Your task: Omit the pictures, and output the rest of the entries exactly as written.
[Opening Source information section]
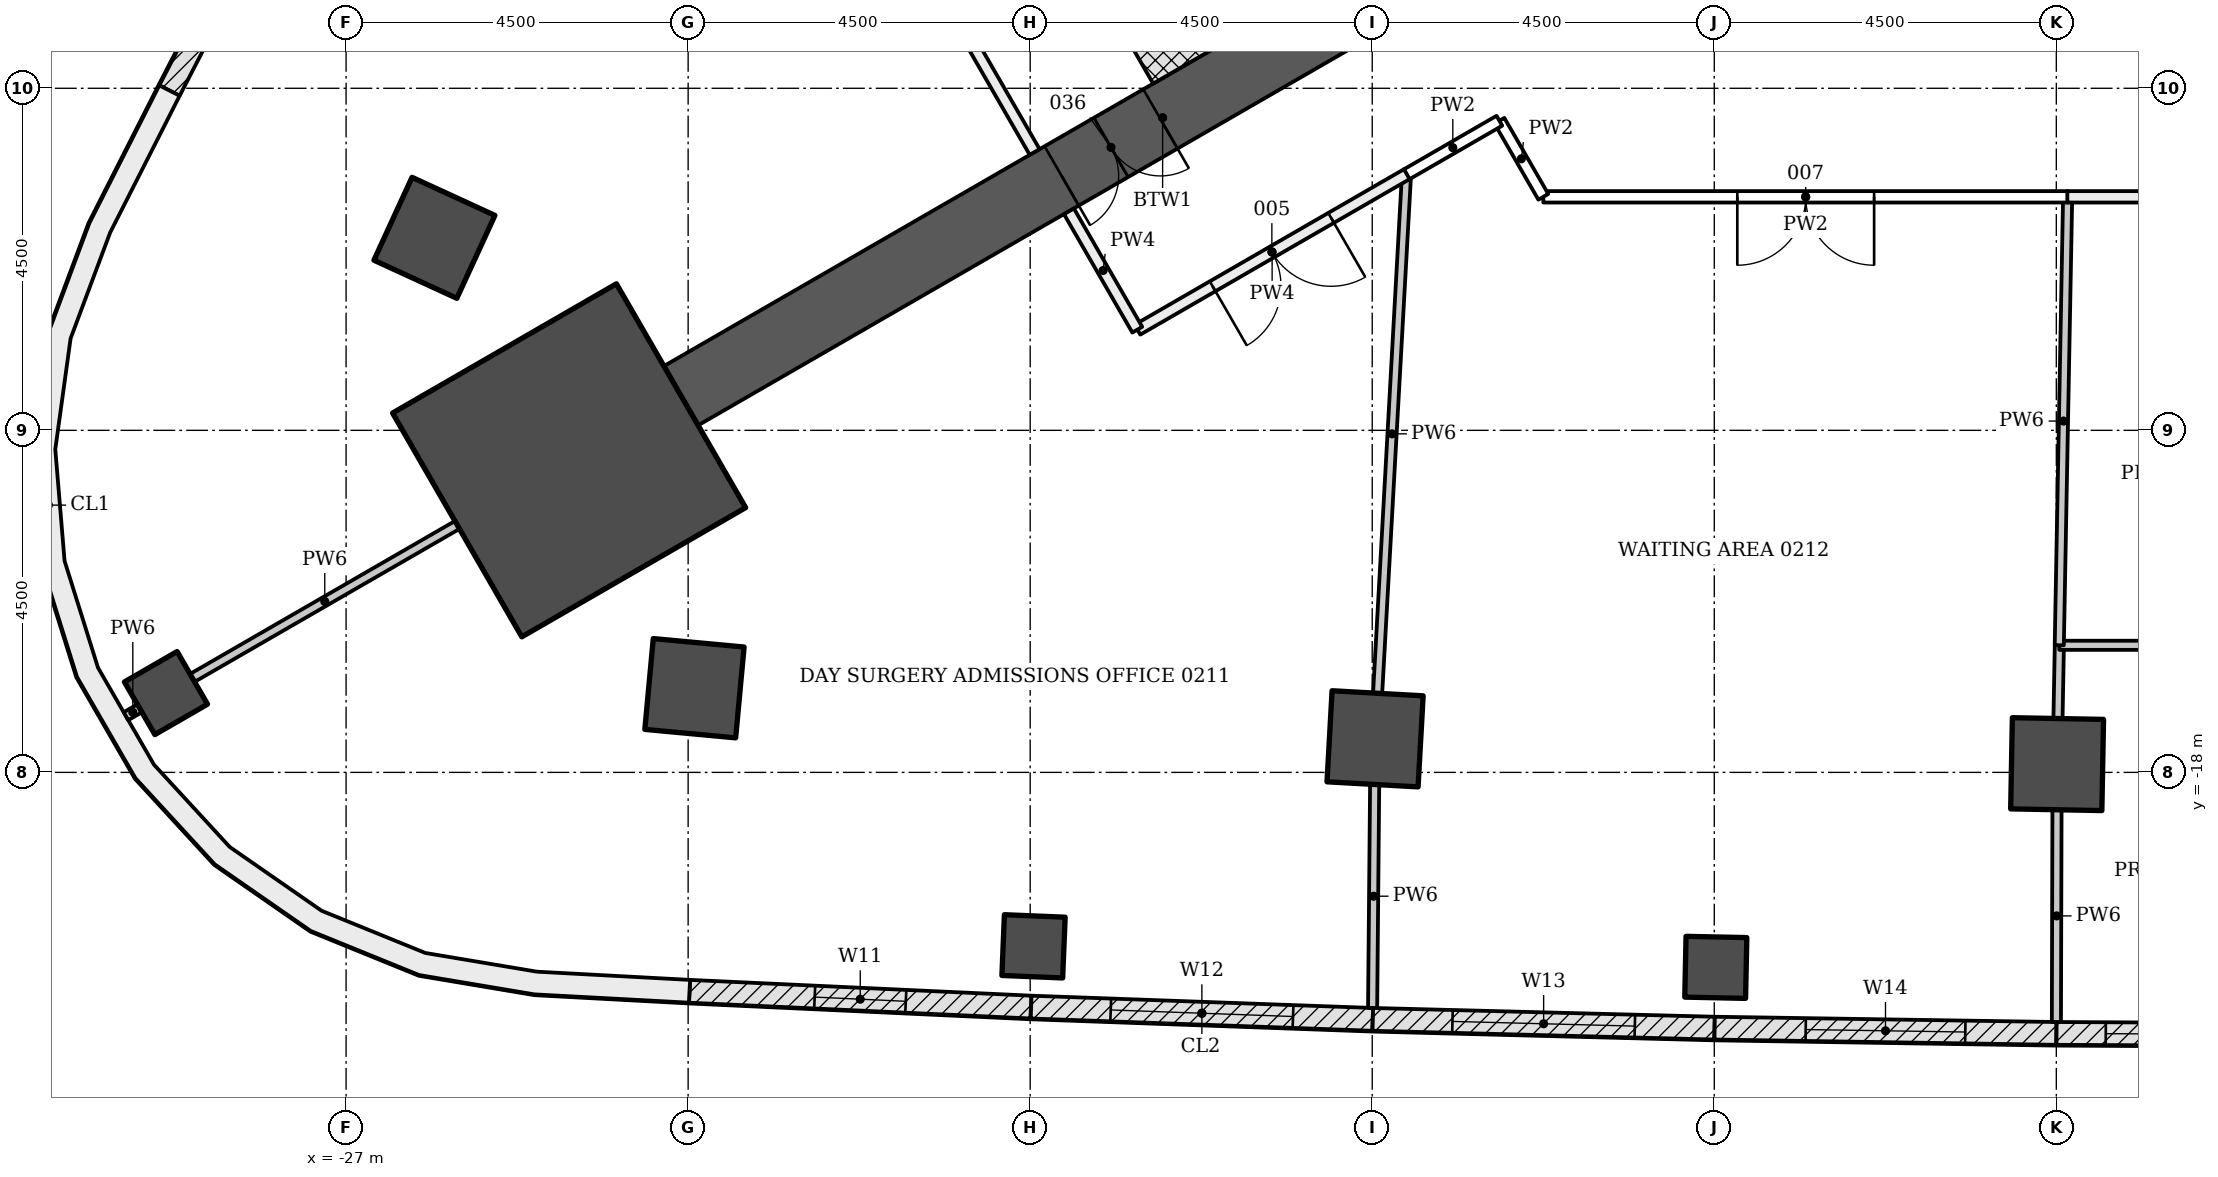
"""IFC4 building model, lengths in metres.
Left out: names, types, materials, properties, quantities, classifications, styles, units other than length and angle.
Written with IfcOpenShell. Run it as: python <this file> out.ifc"""

import sys

from ifc_helpers import new_model, si_unit, direction, frame, frame_2d, origin, origin_2d, place, context, subcontext, project, spatial, polyline, rectangle, outline, extrude, element, fill, save


model = new_model("IFC4")
c1 = context("Model", 3, precision=1e-05, world=origin(), true_north=direction((0.0, 1.0)))
c2 = subcontext(c1, "Body", "Model", "MODEL_VIEW")
j1 = project(units=[si_unit("LENGTHUNIT", "METRE"), si_unit("PLANEANGLEUNIT", "RADIAN")], contexts=[c1])
p1 = place(None, origin())
s1 = spatial("IfcSite", under=j1, at=p1, CompositionType="ELEMENT")
p2 = place(p1, origin())
s2 = spatial("IfcBuilding", under=s1, at=p2, CompositionType="ELEMENT")
p3 = place(p2, frame((0.0, 0.0, 10.5)))
s3 = spatial("IfcBuildingStorey", under=s2, at=p3, CompositionType="ELEMENT", Elevation=10.5)
for number, where, z_axis, x_axis in (
    (1, (-25.838, -10.967, -0.25), (0.0, 0.0, 1.0), (-0.909, 0.418, 0.0)),
    (2, (-22.417, -16.893, -0.25), (0.0, 0.0, 1.0), (-0.093, -0.996, 0.0)),
    (3, (-13.462, -17.558, -0.25), (0.0, 0.0, 1.0), (-0.056, -0.998, 0.0)),
    (4, (-4.49, -17.892, -0.25), (0.0, 0.0, 1.0), (-0.019, -1.0, 0.0)),
):
    element("IfcColumn", number, at=place(p3, frame(where, z_axis=z_axis, x_axis=x_axis)), inside=s3, PredefinedType="COLUMN", context=c2, shape_type="SweptSolid", body=[
        extrude(rectangle(XDim=1.2, YDim=1.2, at=origin_2d()), origin(), (0.0, 0.0, 1.0), 4.5),
    ])
for number, where, z_axis, x_axis in (
    (5, (-29.37, -16.957, -0.25), (0.0, 0.0, 1.0), (-0.866, -0.5, 0.0)),
    (6, (-17.956, -20.288, -0.25), (0.0, 0.0, 1.0), (-0.041, -0.999, 0.0)),
    (7, (-8.98, -20.565, -0.25), (0.0, 0.0, 1.0), (-0.021, -1.0, 0.0)),
):
    element("IfcColumn", number, at=place(p3, frame(where, z_axis=z_axis, x_axis=x_axis)), inside=s3, PredefinedType="COLUMN", context=c2, shape_type="SweptSolid", body=[
        extrude(rectangle(XDim=0.8, YDim=0.8, at=origin_2d()), origin(), (0.0, 0.0, 1.0), 4.5),
    ])
p4 = place(p3, frame((-9.922, -5.728, -0.25), z_axis=(0.0, 0.0, 1.0), x_axis=(-0.866028046028, -0.499995423472, 0.0)))
e8 = element("IfcWall", 8, at=p4, inside=s3, PredefinedType="SHEAR", context=c2, shape_type="SweptSolid", body=[
    extrude(rectangle(XDim=14.633, YDim=0.9, at=frame_2d((7.316, 0.0))), origin(), (0.0, 0.0, 1.0), 4.5),
])
p5 = place(p4, frame((7.35, 0.0, 0.25)))
e9 = element("IfcOpeningElement", 9, at=p5, cuts=e8, PredefinedType="OPENING", context=c2, shape_type="SweptSolid", body=[
    extrude(rectangle(XDim=1.5, YDim=2.1, at=frame_2d((0.75, 1.05))), frame((0.0, 0.46, 0.0), z_axis=(0.0, -1.0, 0.0), x_axis=(1.0, 0.0, 0.0)), (0.0, 0.0, 1.0), 0.92),
])
p6 = place(p3, frame((-24.066, -13.895, -0.25), z_axis=(0.0, 0.0, 1.0), x_axis=(-0.866025403784, -0.5, 0.0)))
e10 = element("IfcColumn", 10, at=p6, inside=s3, PredefinedType="COLUMN", context=c2, shape_type="SweptSolid", body=[
    extrude(rectangle(XDim=3.4, YDim=3.4, at=origin_2d()), origin(), (0.0, 0.0, 1.0), 4.5),
])
p7 = place(p3, frame((-29.323, -9.029, 0.0), z_axis=(0.0, 0.0, 1.0), x_axis=(0.459443600121, 0.888206945654, 0.0)))
e11 = element("IfcWall", 11, at=p7, inside=s3, PredefinedType="NOTDEFINED", context=c2, shape_type="SweptSolid", body=[
    extrude(rectangle(XDim=4.496, YDim=0.3, at=frame_2d((2.248, 0.0))), origin(), (0.0, 0.0, 1.0), 4.25),
])
p8 = place(p7, frame((1.648, 0.0, 0.8)))
e12 = element("IfcOpeningElement", 12, at=p8, cuts=e11, PredefinedType="OPENING", context=c2, shape_type="SweptSolid", body=[
    extrude(rectangle(XDim=1.2, YDim=3.0, at=frame_2d((0.6, 1.5))), frame((0.0, 0.16, 0.0), z_axis=(0.0, -1.0, 0.0), x_axis=(1.0, 0.0, 0.0)), (0.0, 0.0, 1.0), 0.32),
])
p9 = place(p3, frame((-17.99, -21.088, 0.0), z_axis=(0.0, 0.0, 1.0), x_axis=(-0.998931717866, 0.046210637742, 0.0)))
e13 = element("IfcWall", 13, at=p9, inside=s3, PredefinedType="NOTDEFINED", context=c2, shape_type="SweptSolid", body=[
    extrude(rectangle(XDim=4.496, YDim=0.3, at=frame_2d((2.248, 0.0))), origin(), (0.0, 0.0, 1.0), 4.25),
])
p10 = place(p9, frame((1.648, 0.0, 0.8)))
[Closing Source information section]
Exercise solution:
"""IFC4 building model, lengths in metres.
Left out: names, types, materials, properties, quantities, classifications, styles, units other than length and angle.
Written with IfcOpenShell. Run it as: python <this file> out.ifc"""

import sys

from ifc_helpers import new_model, si_unit, direction, frame, frame_2d, origin, origin_2d, place, context, subcontext, project, spatial, polyline, rectangle, outline, extrude, element, fill, save


model = new_model("IFC4")
c1 = context("Model", 3, precision=1e-05, world=origin(), true_north=direction((0.0, 1.0)))
c2 = subcontext(c1, "Body", "Model", "MODEL_VIEW")
j1 = project(units=[si_unit("LENGTHUNIT", "METRE"), si_unit("PLANEANGLEUNIT", "RADIAN")], contexts=[c1])
p1 = place(None, origin())
s1 = spatial("IfcSite", under=j1, at=p1, CompositionType="ELEMENT")
p2 = place(p1, origin())
s2 = spatial("IfcBuilding", under=s1, at=p2, CompositionType="ELEMENT")
p3 = place(p2, frame((0.0, 0.0, 10.5)))
s3 = spatial("IfcBuildingStorey", under=s2, at=p3, CompositionType="ELEMENT", Elevation=10.5)
for number, where, z_axis, x_axis in (
    (1, (-25.838, -10.967, -0.25), (0.0, 0.0, 1.0), (-0.909, 0.418, 0.0)),
    (2, (-22.417, -16.893, -0.25), (0.0, 0.0, 1.0), (-0.093, -0.996, 0.0)),
    (3, (-13.462, -17.558, -0.25), (0.0, 0.0, 1.0), (-0.056, -0.998, 0.0)),
    (4, (-4.49, -17.892, -0.25), (0.0, 0.0, 1.0), (-0.019, -1.0, 0.0)),
):
    element("IfcColumn", number, at=place(p3, frame(where, z_axis=z_axis, x_axis=x_axis)), inside=s3, PredefinedType="COLUMN", context=c2, shape_type="SweptSolid", body=[
        extrude(rectangle(XDim=1.2, YDim=1.2, at=origin_2d()), origin(), (0.0, 0.0, 1.0), 4.5),
    ])
for number, where, z_axis, x_axis in (
    (5, (-29.37, -16.957, -0.25), (0.0, 0.0, 1.0), (-0.866, -0.5, 0.0)),
    (6, (-17.956, -20.288, -0.25), (0.0, 0.0, 1.0), (-0.041, -0.999, 0.0)),
    (7, (-8.98, -20.565, -0.25), (0.0, 0.0, 1.0), (-0.021, -1.0, 0.0)),
):
    element("IfcColumn", number, at=place(p3, frame(where, z_axis=z_axis, x_axis=x_axis)), inside=s3, PredefinedType="COLUMN", context=c2, shape_type="SweptSolid", body=[
        extrude(rectangle(XDim=0.8, YDim=0.8, at=origin_2d()), origin(), (0.0, 0.0, 1.0), 4.5),
    ])
p4 = place(p3, frame((-9.922, -5.728, -0.25), z_axis=(0.0, 0.0, 1.0), x_axis=(-0.866028046028, -0.499995423472, 0.0)))
e8 = element("IfcWall", 8, at=p4, inside=s3, PredefinedType="SHEAR", context=c2, shape_type="SweptSolid", body=[
    extrude(rectangle(XDim=14.633, YDim=0.9, at=frame_2d((7.316, 0.0))), origin(), (0.0, 0.0, 1.0), 4.5),
])
p5 = place(p4, frame((7.35, 0.0, 0.25)))
e9 = element("IfcOpeningElement", 9, at=p5, cuts=e8, PredefinedType="OPENING", context=c2, shape_type="SweptSolid", body=[
    extrude(rectangle(XDim=1.5, YDim=2.1, at=frame_2d((0.75, 1.05))), frame((0.0, 0.46, 0.0), z_axis=(0.0, -1.0, 0.0), x_axis=(1.0, 0.0, 0.0)), (0.0, 0.0, 1.0), 0.92),
])
p6 = place(p3, frame((-24.066, -13.895, -0.25), z_axis=(0.0, 0.0, 1.0), x_axis=(-0.866025403784, -0.5, 0.0)))
e10 = element("IfcColumn", 10, at=p6, inside=s3, PredefinedType="COLUMN", context=c2, shape_type="SweptSolid", body=[
    extrude(rectangle(XDim=3.4, YDim=3.4, at=origin_2d()), origin(), (0.0, 0.0, 1.0), 4.5),
])
p7 = place(p3, frame((-29.323, -9.029, 0.0), z_axis=(0.0, 0.0, 1.0), x_axis=(0.459443600121, 0.888206945654, 0.0)))
e11 = element("IfcWall", 11, at=p7, inside=s3, PredefinedType="NOTDEFINED", context=c2, shape_type="SweptSolid", body=[
    extrude(rectangle(XDim=4.496, YDim=0.3, at=frame_2d((2.248, 0.0))), origin(), (0.0, 0.0, 1.0), 4.25),
])
p8 = place(p7, frame((1.648, 0.0, 0.8)))
e12 = element("IfcOpeningElement", 12, at=p8, cuts=e11, PredefinedType="OPENING", context=c2, shape_type="SweptSolid", body=[
    extrude(rectangle(XDim=1.2, YDim=3.0, at=frame_2d((0.6, 1.5))), frame((0.0, 0.16, 0.0), z_axis=(0.0, -1.0, 0.0), x_axis=(1.0, 0.0, 0.0)), (0.0, 0.0, 1.0), 0.32),
])
p9 = place(p3, frame((-17.99, -21.088, 0.0), z_axis=(0.0, 0.0, 1.0), x_axis=(-0.998931717866, 0.046210637742, 0.0)))
e13 = element("IfcWall", 13, at=p9, inside=s3, PredefinedType="NOTDEFINED", context=c2, shape_type="SweptSolid", body=[
    extrude(rectangle(XDim=4.496, YDim=0.3, at=frame_2d((2.248, 0.0))), origin(), (0.0, 0.0, 1.0), 4.25),
])
p10 = place(p9, frame((1.648, 0.0, 0.8)))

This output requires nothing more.